(THE INPUT begins)

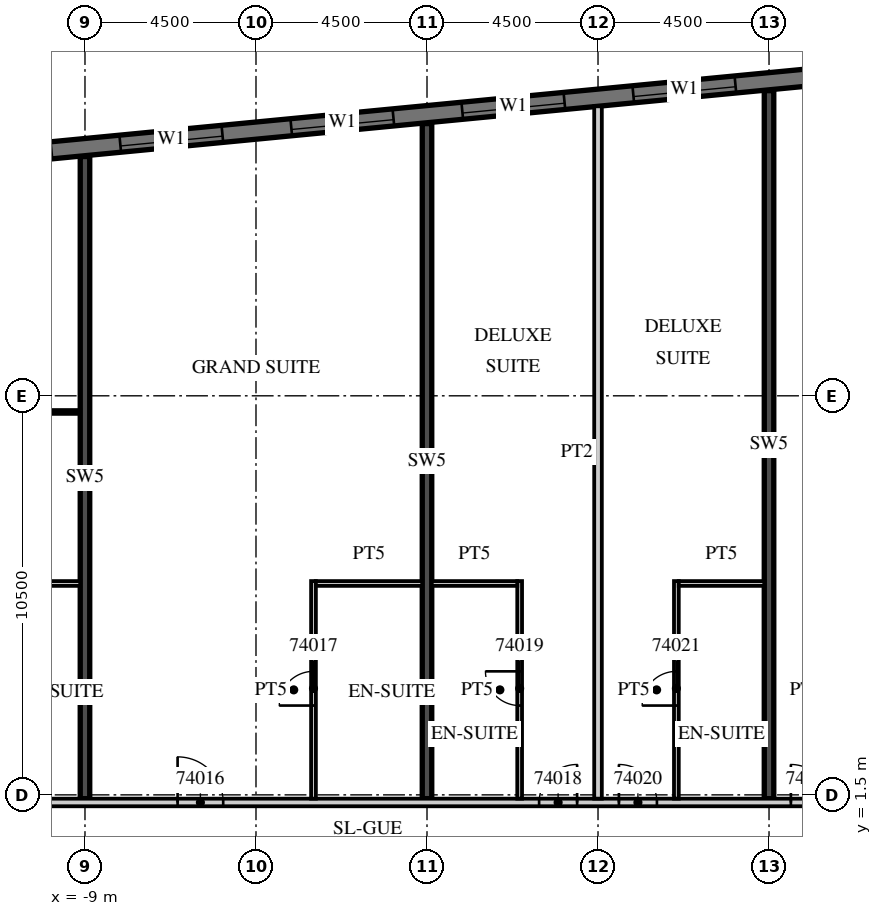
"""IFC4 building model, lengths in metres.
Left out: names, types, materials, properties, quantities, classifications, styles, units other than length and angle.
Written with IfcOpenShell. Run it as: python <this file> out.ifc"""

import sys

from ifc_helpers import new_model, si_unit, direction, frame, frame_2d, origin, place, context, subcontext, project, spatial, rectangle, extrude, element, fill, save


model = new_model("IFC4")
c1 = context("Model", 3, precision=1e-05, world=origin(), true_north=direction((0.0, 1.0)))
c2 = subcontext(c1, "Body", "Model", "MODEL_VIEW")
j1 = project(units=[si_unit("LENGTHUNIT", "METRE"), si_unit("PLANEANGLEUNIT", "RADIAN")], contexts=[c1])
p1 = place(None, origin())
s1 = spatial("IfcSite", under=j1, at=p1, CompositionType="ELEMENT")
p2 = place(p1, origin())
s2 = spatial("IfcBuilding", under=s1, at=p2, CompositionType="ELEMENT")
p3 = place(p2, frame((0.0, 0.0, 294.9)))
s3 = spatial("IfcBuildingStorey", under=s2, at=p3, CompositionType="ELEMENT", Elevation=294.9)
p4 = place(p3, frame((-9.0, 1.4, 0.0), z_axis=(0.0, 0.0, 1.0), x_axis=(0.0, 1.0, 0.0)))
e1 = element("IfcWall", 1, at=p4, inside=s3, PredefinedType="SHEAR", context=c2, shape_type="SweptSolid", body=[
    extrude(rectangle(XDim=16.896, YDim=0.25, at=frame_2d((8.448, 0.0))), origin(), (0.0, 0.0, 1.0), 3.3),
])
p5 = place(p3, frame((0.0, 1.4, 0.0), z_axis=(0.0, 0.0, 1.0), x_axis=(0.0, 1.0, 0.0)))
e2 = element("IfcWall", 2, at=p5, inside=s3, PredefinedType="SHEAR", context=c2, shape_type="SweptSolid", body=[
    extrude(rectangle(XDim=17.763, YDim=0.25, at=frame_2d((8.881, 0.0))), origin(), (0.0, 0.0, 1.0), 3.3),
])
p6 = place(p3, frame((9.0, 1.4, 0.0), z_axis=(0.0, 0.0, 1.0), x_axis=(0.0, 1.0, 0.0)))
e3 = element("IfcWall", 3, at=p6, inside=s3, PredefinedType="SHEAR", context=c2, shape_type="SweptSolid", body=[
    extrude(rectangle(XDim=18.629, YDim=0.25, at=frame_2d((9.315, 0.0))), origin(), (0.0, 0.0, 1.0), 3.3),
])
p7 = place(p3, frame((13.521, 20.713, 0.0), z_axis=(0.0, 0.0, 1.0), x_axis=(-0.995396277313, -0.095844932638, 0.0)))
e4 = element("IfcWall", 4, at=p7, inside=s3, PredefinedType="SOLIDWALL", context=c2, shape_type="SweptSolid", body=[
    extrude(rectangle(XDim=51.495, YDim=0.45, at=frame_2d((25.748, 0.0))), origin(), (0.0, 0.0, 1.0), 3.02),
])
p8 = place(p7, frame((0.91, 0.0, 0.45)))
e5 = element("IfcOpeningElement", 5, at=p8, cuts=e4, PredefinedType="OPENING", context=c2, shape_type="SweptSolid", body=[
    extrude(rectangle(XDim=2.7, YDim=2.25, at=frame_2d((1.35, 1.125))), frame((0.0, 0.235, 0.0), z_axis=(0.0, -1.0, 0.0), x_axis=(1.0, 0.0, 0.0)), (0.0, 0.0, 1.0), 0.47),
])
p9 = place(p7, frame((5.431, 0.0, 0.45)))
e6 = element("IfcOpeningElement", 6, at=p9, cuts=e4, PredefinedType="OPENING", context=c2, shape_type="SweptSolid", body=[
    extrude(rectangle(XDim=2.7, YDim=2.25, at=frame_2d((1.35, 1.125))), frame((0.0, 0.235, 0.0), z_axis=(0.0, -1.0, 0.0), x_axis=(1.0, 0.0, 0.0)), (0.0, 0.0, 1.0), 0.47),
])
p10 = place(p7, frame((9.952, 0.0, 0.45)))
e7 = element("IfcOpeningElement", 7, at=p10, cuts=e4, PredefinedType="OPENING", context=c2, shape_type="SweptSolid", body=[
    extrude(rectangle(XDim=2.7, YDim=2.25, at=frame_2d((1.35, 1.125))), frame((0.0, 0.235, 0.0), z_axis=(0.0, -1.0, 0.0), x_axis=(1.0, 0.0, 0.0)), (0.0, 0.0, 1.0), 0.47),
])
p11 = place(p7, frame((14.473, 0.0, 0.45)))
e8 = element("IfcOpeningElement", 8, at=p11, cuts=e4, PredefinedType="OPENING", context=c2, shape_type="SweptSolid", body=[
    extrude(rectangle(XDim=2.7, YDim=2.25, at=frame_2d((1.35, 1.125))), frame((0.0, 0.235, 0.0), z_axis=(0.0, -1.0, 0.0), x_axis=(1.0, 0.0, 0.0)), (0.0, 0.0, 1.0), 0.47),
])
p12 = place(p7, frame((18.994, 0.0, 0.45)))
e9 = element("IfcOpeningElement", 9, at=p12, cuts=e4, PredefinedType="OPENING", context=c2, shape_type="SweptSolid", body=[
    extrude(rectangle(XDim=2.7, YDim=2.25, at=frame_2d((1.35, 1.125))), frame((0.0, 0.235, 0.0), z_axis=(0.0, -1.0, 0.0), x_axis=(1.0, 0.0, 0.0)), (0.0, 0.0, 1.0), 0.47),
])
p13 = place(p7, frame((23.514, 0.0, 0.45)))
e10 = element("IfcOpeningElement", 10, at=p13, cuts=e4, PredefinedType="OPENING", context=c2, shape_type="SweptSolid", body=[
    extrude(rectangle(XDim=2.7, YDim=2.25, at=frame_2d((1.35, 1.125))), frame((0.0, 0.235, 0.0), z_axis=(0.0, -1.0, 0.0), x_axis=(1.0, 0.0, 0.0)), (0.0, 0.0, 1.0), 0.47),
])
p14 = place(p7, frame((28.035, 0.0, 0.45)))
e11 = element("IfcOpeningElement", 11, at=p14, cuts=e4, PredefinedType="OPENING", context=c2, shape_type="SweptSolid", body=[
    extrude(rectangle(XDim=2.7, YDim=2.25, at=frame_2d((1.35, 1.125))), frame((0.0, 0.235, 0.0), z_axis=(0.0, -1.0, 0.0), x_axis=(1.0, 0.0, 0.0)), (0.0, 0.0, 1.0), 0.47),
])
p15 = place(p7, frame((32.556, 0.0, 0.45)))
e12 = element("IfcOpeningElement", 12, at=p15, cuts=e4, PredefinedType="OPENING", context=c2, shape_type="SweptSolid", body=[
    extrude(rectangle(XDim=2.7, YDim=2.25, at=frame_2d((1.35, 1.125))), frame((0.0, 0.235, 0.0), z_axis=(0.0, -1.0, 0.0), x_axis=(1.0, 0.0, 0.0)), (0.0, 0.0, 1.0), 0.47),
])
p16 = place(p7, frame((37.077, 0.0, 0.45)))
e13 = element("IfcOpeningElement", 13, at=p16, cuts=e4, PredefinedType="OPENING", context=c2, shape_type="SweptSolid", body=[
    extrude(rectangle(XDim=2.7, YDim=2.25, at=frame_2d((1.35, 1.125))), frame((0.0, 0.235, 0.0), z_axis=(0.0, -1.0, 0.0), x_axis=(1.0, 0.0, 0.0)), (0.0, 0.0, 1.0), 0.47),
])
p17 = place(p7, frame((41.598, 0.0, 0.45)))
e14 = element("IfcOpeningElement", 14, at=p17, cuts=e4, PredefinedType="OPENING", context=c2, shape_type="SweptSolid", body=[
    extrude(rectangle(XDim=2.7, YDim=2.25, at=frame_2d((1.35, 1.125))), frame((0.0, 0.235, 0.0), z_axis=(0.0, -1.0, 0.0), x_axis=(1.0, 0.0, 0.0)), (0.0, 0.0, 1.0), 0.47),
])
p18 = place(p7, frame((46.118, 0.0, 0.45)))
e15 = element("IfcOpeningElement", 15, at=p18, cuts=e4, PredefinedType="OPENING", context=c2, shape_type="SweptSolid", body=[
    extrude(rectangle(XDim=2.7, YDim=2.25, at=frame_2d((1.35, 1.125))), frame((0.0, 0.235, 0.0), z_axis=(0.0, -1.0, 0.0), x_axis=(1.0, 0.0, 0.0)), (0.0, 0.0, 1.0), 0.47),
])
p19 = place(p3, frame((-39.909, 1.3, 0.0), z_axis=(0.0, 0.0, 1.0), x_axis=(1.0, 0.0, 0.0)))
e16 = element("IfcWall", 16, at=p19, inside=s3, PredefinedType="PARTITIONING", context=c2, shape_type="SweptSolid", body=[
    extrude(rectangle(XDim=53.409, YDim=0.2, at=frame_2d((26.705, 0.0))), origin(), (0.0, 0.0, 1.0), 3.02),
])
p20 = place(p19, frame((0.255, 0.0, 0.0)))
e17 = element("IfcOpeningElement", 17, at=p20, cuts=e16, PredefinedType="OPENING", context=c2, shape_type="SweptSolid", body=[
    extrude(rectangle(XDim=0.9, YDim=2.1, at=frame_2d((0.45, 1.05))), frame((0.0, 0.11, 0.0), z_axis=(0.0, -1.0, 0.0), x_axis=(1.0, 0.0, 0.0)), (0.0, 0.0, 1.0), 0.22),
])
p21 = place(p19, frame((4.484, 0.0, 0.0)))
e18 = element("IfcOpeningElement", 18, at=p21, cuts=e16, PredefinedType="OPENING", context=c2, shape_type="SweptSolid", body=[
    extrude(rectangle(XDim=1.0, YDim=2.1, at=frame_2d((0.5, 1.05))), frame((0.0, 0.11, 0.0), z_axis=(0.0, -1.0, 0.0), x_axis=(1.0, 0.0, 0.0)), (0.0, 0.0, 1.0), 0.22),
])
p22 = place(p19, frame((11.334, 0.0, 0.0)))
e19 = element("IfcOpeningElement", 19, at=p22, cuts=e16, PredefinedType="OPENING", context=c2, shape_type="SweptSolid", body=[
    extrude(rectangle(XDim=1.0, YDim=2.1, at=frame_2d((0.5, 1.05))), frame((0.0, 0.11, 0.0), z_axis=(0.0, -1.0, 0.0), x_axis=(1.0, 0.0, 0.0)), (0.0, 0.0, 1.0), 0.22),
])
p23 = place(p19, frame((15.347, 0.0, 0.0)))
e20 = element("IfcOpeningElement", 20, at=p23, cuts=e16, PredefinedType="OPENING", context=c2, shape_type="SweptSolid", body=[
    extrude(rectangle(XDim=1.2, YDim=2.1, at=frame_2d((0.6, 1.05))), frame((0.0, 0.11, 0.0), z_axis=(0.0, -1.0, 0.0), x_axis=(1.0, 0.0, 0.0)), (0.0, 0.0, 1.0), 0.22),
])
p24 = place(p19, frame((24.859, 0.0, 0.0)))
e21 = element("IfcOpeningElement", 21, at=p24, cuts=e16, PredefinedType="OPENING", context=c2, shape_type="SweptSolid", body=[
    extrude(rectangle(XDim=1.0, YDim=2.1, at=frame_2d((0.5, 1.05))), frame((0.0, 0.11, 0.0), z_axis=(0.0, -1.0, 0.0), x_axis=(1.0, 0.0, 0.0)), (0.0, 0.0, 1.0), 0.22),
])
p25 = place(p19, frame((26.959, 0.0, 0.0)))
e22 = element("IfcOpeningElement", 22, at=p25, cuts=e16, PredefinedType="OPENING", context=c2, shape_type="SweptSolid", body=[
    extrude(rectangle(XDim=1.0, YDim=2.1, at=frame_2d((0.5, 1.05))), frame((0.0, 0.11, 0.0), z_axis=(0.0, -1.0, 0.0), x_axis=(1.0, 0.0, 0.0)), (0.0, 0.0, 1.0), 0.22),
])
p26 = place(p19, frame((33.346, 0.0, 0.0)))
e23 = element("IfcOpeningElement", 23, at=p26, cuts=e16, PredefinedType="OPENING", context=c2, shape_type="SweptSolid", body=[
    extrude(rectangle(XDim=1.2, YDim=2.1, at=frame_2d((0.6, 1.05))), frame((0.0, 0.11, 0.0), z_axis=(0.0, -1.0, 0.0), x_axis=(1.0, 0.0, 0.0)), (0.0, 0.0, 1.0), 0.22),
])
p27 = place(p19, frame((42.859, 0.0, 0.0)))
e24 = element("IfcOpeningElement", 24, at=p27, cuts=e16, PredefinedType="OPENING", context=c2, shape_type="SweptSolid", body=[
    extrude(rectangle(XDim=1.0, YDim=2.1, at=frame_2d((0.5, 1.05))), frame((0.0, 0.11, 0.0), z_axis=(0.0, -1.0, 0.0), x_axis=(1.0, 0.0, 0.0)), (0.0, 0.0, 1.0), 0.22),
])
p28 = place(p19, frame((44.959, 0.0, 0.0)))
e25 = element("IfcOpeningElement", 25, at=p28, cuts=e16, PredefinedType="OPENING", context=c2, shape_type="SweptSolid", body=[
    extrude(rectangle(XDim=1.0, YDim=2.1, at=frame_2d((0.5, 1.05))), frame((0.0, 0.11, 0.0), z_axis=(0.0, -1.0, 0.0), x_axis=(1.0, 0.0, 0.0)), (0.0, 0.0, 1.0), 0.22),
])
p29 = place(p19, frame((49.484, 0.0, 0.0)))
e26 = element("IfcOpeningElement", 26, at=p29, cuts=e16, PredefinedType="OPENING", context=c2, shape_type="SweptSolid", body=[
    extrude(rectangle(XDim=1.0, YDim=2.1, at=frame_2d((0.5, 1.05))), frame((0.0, 0.11, 0.0), z_axis=(0.0, -1.0, 0.0), x_axis=(1.0, 0.0, 0.0)), (0.0, 0.0, 1.0), 0.22),
])
p30 = place(p3, frame((-11.375, 7.062, 0.0), z_axis=(0.0, 0.0, 1.0), x_axis=(1.0, 0.0, 0.0)))
e27 = element("IfcWall", 27, at=p30, inside=s3, PredefinedType="PARTITIONING", context=c2, shape_type="SweptSolid", body=[
    extrude(rectangle(XDim=2.25, YDim=0.125, at=frame_2d((1.125, 0.0))), origin(), (0.0, 0.0, 1.0), 3.02),
])
p31 = place(p3, frame((-13.4, 11.575, 0.0), z_axis=(0.0, 0.0, 1.0), x_axis=(1.0, 0.0, 0.0)))
e28 = element("IfcWall", 28, at=p31, inside=s3, PredefinedType="PARTITIONING", context=c2, shape_type="SweptSolid", body=[
    extrude(rectangle(XDim=4.275, YDim=0.1, at=frame_2d((2.137, 0.0))), origin(), (0.0, 0.0, 1.0), 3.02),
])
p32 = place(p31, frame((0.788, 0.0, 0.0)))
e29 = element("IfcOpeningElement", 29, at=p32, cuts=e28, PredefinedType="OPENING", context=c2, shape_type="SweptSolid", body=[
    extrude(rectangle(XDim=1.5, YDim=2.1, at=frame_2d((0.75, 1.05))), frame((0.0, 0.06, 0.0), z_axis=(0.0, -1.0, 0.0), x_axis=(1.0, 0.0, 0.0)), (0.0, 0.0, 1.0), 0.12),
])
p33 = place(p3, frame((-2.987, 1.4, 0.0), z_axis=(0.0, 0.0, 1.0), x_axis=(0.0, 1.0, 0.0)))
e30 = element("IfcWall", 30, at=p33, inside=s3, PredefinedType="PARTITIONING", context=c2, shape_type="SweptSolid", body=[
    extrude(rectangle(XDim=5.725, YDim=0.125, at=frame_2d((2.863, 0.0))), origin(), (0.0, 0.0, 1.0), 3.02),
])
p34 = place(p33, frame((2.45, 0.0, 0.0)))
e31 = element("IfcOpeningElement", 31, at=p34, cuts=e30, PredefinedType="OPENING", context=c2, shape_type="SweptSolid", body=[
    extrude(rectangle(XDim=0.9, YDim=2.1, at=frame_2d((0.45, 1.05))), frame((0.0, 0.073, 0.0), z_axis=(0.0, -1.0, 0.0), x_axis=(1.0, 0.0, 0.0)), (0.0, 0.0, 1.0), 0.145),
])
p35 = place(p3, frame((-2.925, 7.062, 0.0), z_axis=(0.0, 0.0, 1.0), x_axis=(1.0, 0.0, 0.0)))
e32 = element("IfcWall", 32, at=p35, inside=s3, PredefinedType="PARTITIONING", context=c2, shape_type="SweptSolid", body=[
    extrude(rectangle(XDim=2.8, YDim=0.125, at=frame_2d((1.4, 0.0))), origin(), (0.0, 0.0, 1.0), 3.02),
])
p36 = place(p3, frame((4.5, 1.4, 0.0), z_axis=(0.0, 0.0, 1.0), x_axis=(0.0, 1.0, 0.0)))
e33 = element("IfcWall", 33, at=p36, inside=s3, PredefinedType="PARTITIONING", context=c2, shape_type="SweptSolid", body=[
    extrude(rectangle(XDim=18.218, YDim=0.2, at=frame_2d((9.109, 0.0))), origin(), (0.0, 0.0, 1.0), 3.02),
])
p37 = place(p3, frame((2.438, 1.4, 0.0), z_axis=(0.0, 0.0, 1.0), x_axis=(0.0, 1.0, 0.0)))
e34 = element("IfcWall", 34, at=p37, inside=s3, PredefinedType="PARTITIONING", context=c2, shape_type="SweptSolid", body=[
    extrude(rectangle(XDim=5.725, YDim=0.125, at=frame_2d((2.863, 0.0))), origin(), (0.0, 0.0, 1.0), 3.02),
])
p38 = place(p37, frame((2.45, 0.0, 0.0)))
e35 = element("IfcOpeningElement", 35, at=p38, cuts=e34, PredefinedType="OPENING", context=c2, shape_type="SweptSolid", body=[
    extrude(rectangle(XDim=0.9, YDim=2.1, at=frame_2d((0.45, 1.05))), frame((0.0, 0.073, 0.0), z_axis=(0.0, -1.0, 0.0), x_axis=(1.0, 0.0, 0.0)), (0.0, 0.0, 1.0), 0.145),
])
p39 = place(p3, frame((0.125, 7.062, 0.0), z_axis=(0.0, 0.0, 1.0), x_axis=(1.0, 0.0, 0.0)))
e36 = element("IfcWall", 36, at=p39, inside=s3, PredefinedType="PARTITIONING", context=c2, shape_type="SweptSolid", body=[
    extrude(rectangle(XDim=2.25, YDim=0.125, at=frame_2d((1.125, 0.0))), origin(), (0.0, 0.0, 1.0), 3.02),
])
p40 = place(p3, frame((6.562, 1.4, 0.0), z_axis=(0.0, 0.0, 1.0), x_axis=(0.0, 1.0, 0.0)))
e37 = element("IfcWall", 37, at=p40, inside=s3, PredefinedType="PARTITIONING", context=c2, shape_type="SweptSolid", body=[
    extrude(rectangle(XDim=5.725, YDim=0.125, at=frame_2d((2.863, 0.0))), origin(), (0.0, 0.0, 1.0), 3.02),
])
p41 = place(p40, frame((2.45, 0.0, 0.0)))
e38 = element("IfcOpeningElement", 38, at=p41, cuts=e37, PredefinedType="OPENING", context=c2, shape_type="SweptSolid", body=[
    extrude(rectangle(XDim=0.9, YDim=2.1, at=frame_2d((0.45, 1.05))), frame((0.0, 0.073, 0.0), z_axis=(0.0, -1.0, 0.0), x_axis=(1.0, 0.0, 0.0)), (0.0, 0.0, 1.0), 0.145),
])
p42 = place(p3, frame((6.625, 7.062, 0.0), z_axis=(0.0, 0.0, 1.0), x_axis=(1.0, 0.0, 0.0)))
e39 = element("IfcWall", 39, at=p42, inside=s3, PredefinedType="PARTITIONING", context=c2, shape_type="SweptSolid", body=[
    extrude(rectangle(XDim=2.25, YDim=0.125, at=frame_2d((1.125, 0.0))), origin(), (0.0, 0.0, 1.0), 3.02),
])
p43 = place(p9, origin())
e40 = element("IfcWindow", 40, at=p43, inside=s3, PartitioningType="SINGLE_PANEL", PredefinedType="WINDOW", context=c2, shape_type="SweptSolid", body=[
    extrude(rectangle(XDim=2.7, YDim=2.25, at=frame_2d((1.35, 1.125))), frame((0.0, 0.09, 0.0), z_axis=(0.0, -1.0, 0.0), x_axis=(1.0, 0.0, 0.0)), (0.0, 0.0, 1.0), 0.06),
])
fill(e6, e40)
p44 = place(p10, origin())
e41 = element("IfcWindow", 41, at=p44, inside=s3, PartitioningType="SINGLE_PANEL", PredefinedType="WINDOW", context=c2, shape_type="SweptSolid", body=[
    extrude(rectangle(XDim=2.7, YDim=2.25, at=frame_2d((1.35, 1.125))), frame((0.0, 0.09, 0.0), z_axis=(0.0, -1.0, 0.0), x_axis=(1.0, 0.0, 0.0)), (0.0, 0.0, 1.0), 0.06),
])
fill(e7, e41)
p45 = place(p11, origin())
e42 = element("IfcWindow", 42, at=p45, inside=s3, PartitioningType="SINGLE_PANEL", PredefinedType="WINDOW", context=c2, shape_type="SweptSolid", body=[
    extrude(rectangle(XDim=2.7, YDim=2.25, at=frame_2d((1.35, 1.125))), frame((0.0, 0.09, 0.0), z_axis=(0.0, -1.0, 0.0), x_axis=(1.0, 0.0, 0.0)), (0.0, 0.0, 1.0), 0.06),
])
fill(e8, e42)
p46 = place(p12, origin())
e43 = element("IfcWindow", 43, at=p46, inside=s3, PartitioningType="SINGLE_PANEL", PredefinedType="WINDOW", context=c2, shape_type="SweptSolid", body=[
    extrude(rectangle(XDim=2.7, YDim=2.25, at=frame_2d((1.35, 1.125))), frame((0.0, 0.09, 0.0), z_axis=(0.0, -1.0, 0.0), x_axis=(1.0, 0.0, 0.0)), (0.0, 0.0, 1.0), 0.06),
])
fill(e9, e43)
p47 = place(p26, origin())
e44 = element("IfcDoor", 44, at=p47, inside=s3, OperationType="SINGLE_SWING_LEFT", PredefinedType="DOOR", context=c2, shape_type="SweptSolid", body=[
    extrude(rectangle(XDim=1.2, YDim=2.1, at=frame_2d((0.6, 1.05))), frame((0.0, 0.025, 0.0), z_axis=(0.0, -1.0, 0.0), x_axis=(1.0, 0.0, 0.0)), (0.0, 0.0, 1.0), 0.05),
])
fill(e23, e44)
p48 = place(p34, origin())
e45 = element("IfcDoor", 45, at=p48, inside=s3, OperationType="SINGLE_SWING_LEFT", PredefinedType="DOOR", context=c2, shape_type="SweptSolid", body=[
    extrude(rectangle(XDim=0.9, YDim=2.1, at=frame_2d((0.45, 1.05))), frame((0.0, 0.025, 0.0), z_axis=(0.0, -1.0, 0.0), x_axis=(1.0, 0.0, 0.0)), (0.0, 0.0, 1.0), 0.05),
])
fill(e31, e45)
p49 = place(p27, origin())
e46 = element("IfcDoor", 46, at=p49, inside=s3, OperationType="SINGLE_SWING_RIGHT", PredefinedType="DOOR", context=c2, shape_type="SweptSolid", body=[
    extrude(rectangle(XDim=1.0, YDim=2.1, at=frame_2d((0.5, 1.05))), frame((0.0, 0.025, 0.0), z_axis=(0.0, -1.0, 0.0), x_axis=(1.0, 0.0, 0.0)), (0.0, 0.0, 1.0), 0.05),
])
fill(e24, e46)
p50 = place(p38, origin())
e47 = element("IfcDoor", 47, at=p50, inside=s3, OperationType="SINGLE_SWING_RIGHT", PredefinedType="DOOR", context=c2, shape_type="SweptSolid", body=[
    extrude(rectangle(XDim=0.9, YDim=2.1, at=frame_2d((0.45, 1.05))), frame((0.0, 0.025, 0.0), z_axis=(0.0, -1.0, 0.0), x_axis=(1.0, 0.0, 0.0)), (0.0, 0.0, 1.0), 0.05),
])
fill(e35, e47)
p51 = place(p28, origin())
e48 = element("IfcDoor", 48, at=p51, inside=s3, OperationType="SINGLE_SWING_LEFT", PredefinedType="DOOR", context=c2, shape_type="SweptSolid", body=[
    extrude(rectangle(XDim=1.0, YDim=2.1, at=frame_2d((0.5, 1.05))), frame((0.0, 0.025, 0.0), z_axis=(0.0, -1.0, 0.0), x_axis=(1.0, 0.0, 0.0)), (0.0, 0.0, 1.0), 0.05),
])
fill(e25, e48)
p52 = place(p41, origin())
e49 = element("IfcDoor", 49, at=p52, inside=s3, OperationType="SINGLE_SWING_LEFT", PredefinedType="DOOR", context=c2, shape_type="SweptSolid", body=[
    extrude(rectangle(XDim=0.9, YDim=2.1, at=frame_2d((0.45, 1.05))), frame((0.0, 0.025, 0.0), z_axis=(0.0, -1.0, 0.0), x_axis=(1.0, 0.0, 0.0)), (0.0, 0.0, 1.0), 0.05),
])
fill(e38, e49)
p53 = place(p29, origin())
e50 = element("IfcDoor", 50, at=p53, inside=s3, OperationType="SINGLE_SWING_LEFT", PredefinedType="DOOR", context=c2, shape_type="SweptSolid", body=[
    extrude(rectangle(XDim=1.0, YDim=2.1, at=frame_2d((0.5, 1.05))), frame((0.0, 0.025, 0.0), z_axis=(0.0, -1.0, 0.0), x_axis=(1.0, 0.0, 0.0)), (0.0, 0.0, 1.0), 0.05),
])
fill(e26, e50)
save(model, sys.argv[1])

(THE INPUT ends)

Copy out every line of the data that includes "direction".

▶ _ANSWER SPACE_:
from ifc_helpers import new_model, si_unit, direction, frame, frame_2d, origin, place, context, subcontext, project, spatial, rectangle, extrude, element, fill, save
c1 = context("Model", 3, precision=1e-05, world=origin(), true_north=direction((0.0, 1.0)))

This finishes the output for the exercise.